_THE RECORDS_.
= = = = = = =

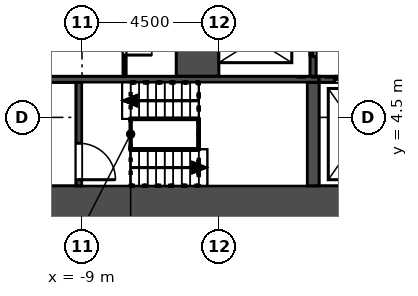
"""IFC4 building model, lengths in metres.
Left out: names, types, materials, properties, quantities, classifications, styles, units other than length and angle.
Written with IfcOpenShell. Run it as: python <this file> out.ifc"""

import sys

from ifc_helpers import new_model, si_unit, direction, frame, frame_2d, origin, place, context, subcontext, project, spatial, rectangle, extrude, element, fill, save


model = new_model("IFC4")
c1 = context("Model", 3, precision=1e-05, world=origin(), true_north=direction((0.0, 1.0)))
c2 = subcontext(c1, "Body", "Model", "MODEL_VIEW")
j1 = project(units=[si_unit("LENGTHUNIT", "METRE"), si_unit("PLANEANGLEUNIT", "RADIAN")], contexts=[c1])
p1 = place(None, origin())
s1 = spatial("IfcSite", under=j1, at=p1, CompositionType="ELEMENT")
p2 = place(p1, origin())
s2 = spatial("IfcBuilding", under=s1, at=p2, CompositionType="ELEMENT")
p3 = place(p2, frame((0.0, 0.0, -14.0)))
s3 = spatial("IfcBuildingStorey", under=s2, at=p3, CompositionType="ELEMENT", Elevation=-14.0)
p4 = place(p3, frame((-14.0, 1.55, 0.0), z_axis=(0.0, 0.0, 1.0), x_axis=(1.0, 0.0, 0.0)))
e1 = element("IfcWall", 1, at=p4, inside=s3, PredefinedType="SHEAR", context=c2, shape_type="SweptSolid", body=[
    extrude(rectangle(XDim=28.0, YDim=1.4, at=frame_2d((14.0, 0.0))), origin(), (0.0, 0.0, 1.0), 6.0),
])
p5 = place(p3, frame((-1.4, 5.85, 0.0), z_axis=(0.0, 0.0, 1.0), x_axis=(0.0, 1.0, 0.0)))
e2 = element("IfcWall", 2, at=p5, inside=s3, PredefinedType="SOLIDWALL", context=c2, shape_type="SweptSolid", body=[
    extrude(rectangle(XDim=11.75, YDim=0.2, at=frame_2d((5.875, 0.0))), origin(), (0.0, 0.0, 1.0), 5.65),
])
p6 = place(p5, frame((0.65, 0.0, 0.0)))
e3 = element("IfcOpeningElement", 3, at=p6, cuts=e2, PredefinedType="OPENING", context=c2, shape_type="SweptSolid", body=[
    extrude(rectangle(XDim=1.1, YDim=2.1, at=frame_2d((0.55, 1.05))), frame((0.0, 0.11, 0.0), z_axis=(0.0, -1.0, 0.0), x_axis=(1.0, 0.0, 0.0)), (0.0, 0.0, 1.0), 0.22),
])
p7 = place(p5, frame((3.3, 0.0, 0.0)))
e4 = element("IfcOpeningElement", 4, at=p7, cuts=e2, PredefinedType="OPENING", context=c2, shape_type="SweptSolid", body=[
    extrude(rectangle(XDim=1.0, YDim=2.1, at=frame_2d((0.5, 1.05))), frame((0.0, 0.11, 0.0), z_axis=(0.0, -1.0, 0.0), x_axis=(1.0, 0.0, 0.0)), (0.0, 0.0, 1.0), 0.22),
])
p8 = place(p5, frame((5.9, 0.0, 0.0)))
e5 = element("IfcOpeningElement", 5, at=p8, cuts=e2, PredefinedType="OPENING", context=c2, shape_type="SweptSolid", body=[
    extrude(rectangle(XDim=1.0, YDim=2.1, at=frame_2d((0.5, 1.05))), frame((0.0, 0.11, 0.0), z_axis=(0.0, -1.0, 0.0), x_axis=(1.0, 0.0, 0.0)), (0.0, 0.0, 1.0), 0.22),
])
p9 = place(p5, frame((8.5, 0.0, 0.0)))
e6 = element("IfcOpeningElement", 6, at=p9, cuts=e2, PredefinedType="OPENING", context=c2, shape_type="SweptSolid", body=[
    extrude(rectangle(XDim=1.0, YDim=2.1, at=frame_2d((0.5, 1.05))), frame((0.0, 0.11, 0.0), z_axis=(0.0, -1.0, 0.0), x_axis=(1.0, 0.0, 0.0)), (0.0, 0.0, 1.0), 0.22),
])
p10 = place(p3, frame((-5.2, 5.85, 0.0), z_axis=(0.0, 0.0, 1.0), x_axis=(0.0, 1.0, 0.0)))
e7 = element("IfcWall", 7, at=p10, inside=s3, PredefinedType="SOLIDWALL", context=c2, shape_type="SweptSolid", body=[
    extrude(rectangle(XDim=2.4, YDim=1.4, at=frame_2d((1.2, 0.0))), origin(), (0.0, 0.0, 1.0), 5.65),
])
p11 = place(p3, frame((-12.6, 5.75, 0.0), z_axis=(0.0, 0.0, 1.0), x_axis=(1.0, 0.0, 0.0)))
e8 = element("IfcWall", 8, at=p11, inside=s3, PredefinedType="SOLIDWALL", context=c2, shape_type="SweptSolid", body=[
    extrude(rectangle(XDim=11.4, YDim=0.2, at=frame_2d((5.7, 0.0))), origin(), (0.0, 0.0, 1.0), 5.65),
])
p12 = place(p3, frame((-1.2, 5.75, 0.0), z_axis=(0.0, 0.0, 1.0), x_axis=(1.0, 0.0, 0.0)))
e9 = element("IfcWall", 9, at=p12, inside=s3, PredefinedType="SOLIDWALL", context=c2, shape_type="SweptSolid", body=[
    extrude(rectangle(XDim=2.4, YDim=0.2, at=frame_2d((1.2, 0.0))), origin(), (0.0, 0.0, 1.0), 5.65),
])
p13 = place(p12, frame((0.5, 0.0, 0.0)))
e10 = element("IfcOpeningElement", 10, at=p13, cuts=e9, PredefinedType="OPENING", context=c2, shape_type="SweptSolid", body=[
    extrude(rectangle(XDim=1.4, YDim=2.1, at=frame_2d((0.7, 1.05))), frame((0.0, 0.11, 0.0), z_axis=(0.0, -1.0, 0.0), x_axis=(1.0, 0.0, 0.0)), (0.0, 0.0, 1.0), 0.22),
])
p14 = place(p3, frame((-9.1, 2.25, 0.0), z_axis=(0.0, 0.0, 1.0), x_axis=(0.0, 1.0, 0.0)))
e11 = element("IfcWall", 11, at=p14, inside=s3, PredefinedType="SOLIDWALL", context=c2, shape_type="SweptSolid", body=[
    extrude(rectangle(XDim=3.4, YDim=0.2, at=frame_2d((1.7, 0.0))), origin(), (0.0, 0.0, 1.0), 5.65),
])
p15 = place(p14, frame((0.2, 0.0, 0.0)))
e12 = element("IfcOpeningElement", 12, at=p15, cuts=e11, PredefinedType="OPENING", context=c2, shape_type="SweptSolid", body=[
    extrude(rectangle(XDim=1.2, YDim=2.1, at=frame_2d((0.6, 1.05))), frame((0.0, 0.11, 0.0), z_axis=(0.0, -1.0, 0.0), x_axis=(1.0, 0.0, 0.0)), (0.0, 0.0, 1.0), 0.22),
])
p16 = place(p3, frame((-1.4, 2.25, 0.0), z_axis=(0.0, 0.0, 1.0), x_axis=(0.0, 1.0, 0.0)))
e13 = element("IfcWall", 13, at=p16, inside=s3, PredefinedType="SOLIDWALL", context=c2, shape_type="SweptSolid", body=[
    extrude(rectangle(XDim=3.4, YDim=0.4, at=frame_2d((1.7, 0.0))), origin(), (0.0, 0.0, 1.0), 5.65),
])
p17 = place(p3, frame((-7.6, 5.85, 0.0), z_axis=(0.0, 0.0, 1.0), x_axis=(0.0, 1.0, 0.0)))
e14 = element("IfcWall", 14, at=p17, inside=s3, PredefinedType="PARTITIONING", context=c2, shape_type="SweptSolid", body=[
    extrude(rectangle(XDim=2.4, YDim=0.1, at=frame_2d((1.2, 0.0))), origin(), (0.0, 0.0, 1.0), 5.65),
])
p18 = place(p17, frame((0.7, 0.0, 0.0)))
e15 = element("IfcOpeningElement", 15, at=p18, cuts=e14, PredefinedType="OPENING", context=c2, shape_type="SweptSolid", body=[
    extrude(rectangle(XDim=0.9, YDim=2.1, at=frame_2d((0.45, 1.05))), frame((0.0, 0.06, 0.0), z_axis=(0.0, -1.0, 0.0), x_axis=(1.0, 0.0, 0.0)), (0.0, 0.0, 1.0), 0.12),
])
p19 = place(p6, origin())
e16 = element("IfcDoor", 16, at=p19, inside=s3, OperationType="SLIDING_TO_RIGHT", PredefinedType="DOOR", context=c2, shape_type="SweptSolid", body=[
    extrude(rectangle(XDim=1.1, YDim=2.1, at=frame_2d((0.55, 1.05))), frame((0.0, 0.025, 0.0), z_axis=(0.0, -1.0, 0.0), x_axis=(1.0, 0.0, 0.0)), (0.0, 0.0, 1.0), 0.05),
])
fill(e3, e16)
p20 = place(p13, origin())
e17 = element("IfcDoor", 17, at=p20, inside=s3, OperationType="SLIDING_TO_LEFT", PredefinedType="DOOR", context=c2, shape_type="SweptSolid", body=[
    extrude(rectangle(XDim=1.4, YDim=2.1, at=frame_2d((0.7, 1.05))), frame((0.0, 0.025, 0.0), z_axis=(0.0, -1.0, 0.0), x_axis=(1.0, 0.0, 0.0)), (0.0, 0.0, 1.0), 0.05),
])
fill(e10, e17)
p21 = place(p18, frame((0.9, 0.0, 0.0), z_axis=(0.0, 0.0, 1.0), x_axis=(-1.0, 0.0, 0.0)))
e18 = element("IfcDoor", 18, at=p21, inside=s3, OperationType="SINGLE_SWING_RIGHT", PredefinedType="DOOR", context=c2, shape_type="SweptSolid", body=[
    extrude(rectangle(XDim=0.9, YDim=2.1, at=frame_2d((0.45, 1.05))), frame((0.0, 0.025, 0.0), z_axis=(0.0, -1.0, 0.0), x_axis=(1.0, 0.0, 0.0)), (0.0, 0.0, 1.0), 0.05),
])
fill(e15, e18)
p22 = place(p15, frame((1.2, 0.0, 0.0), z_axis=(0.0, 0.0, 1.0), x_axis=(-1.0, 0.0, 0.0)))
e19 = element("IfcDoor", 19, at=p22, inside=s3, OperationType="SINGLE_SWING_RIGHT", PredefinedType="DOOR", context=c2, shape_type="SweptSolid", body=[
    extrude(rectangle(XDim=1.2, YDim=2.1, at=frame_2d((0.6, 1.05))), frame((0.0, 0.025, 0.0), z_axis=(0.0, -1.0, 0.0), x_axis=(1.0, 0.0, 0.0)), (0.0, 0.0, 1.0), 0.05),
])
fill(e12, e19)
save(model, sys.argv[1])

= = = = = = =

_PROBLEM TO SOLVE_.
Repeat only the lines between the start of the data and the line with "world=origin(), true_north=direction((0.0, 1.0)))", including those two lines, and skip the pictures.

_PROBLEM SOLUTION_.
"""IFC4 building model, lengths in metres.
Left out: names, types, materials, properties, quantities, classifications, styles, units other than length and angle.
Written with IfcOpenShell. Run it as: python <this file> out.ifc"""

import sys

from ifc_helpers import new_model, si_unit, direction, frame, frame_2d, origin, place, context, subcontext, project, spatial, rectangle, extrude, element, fill, save


model = new_model("IFC4")
c1 = context("Model", 3, precision=1e-05, world=origin(), true_north=direction((0.0, 1.0)))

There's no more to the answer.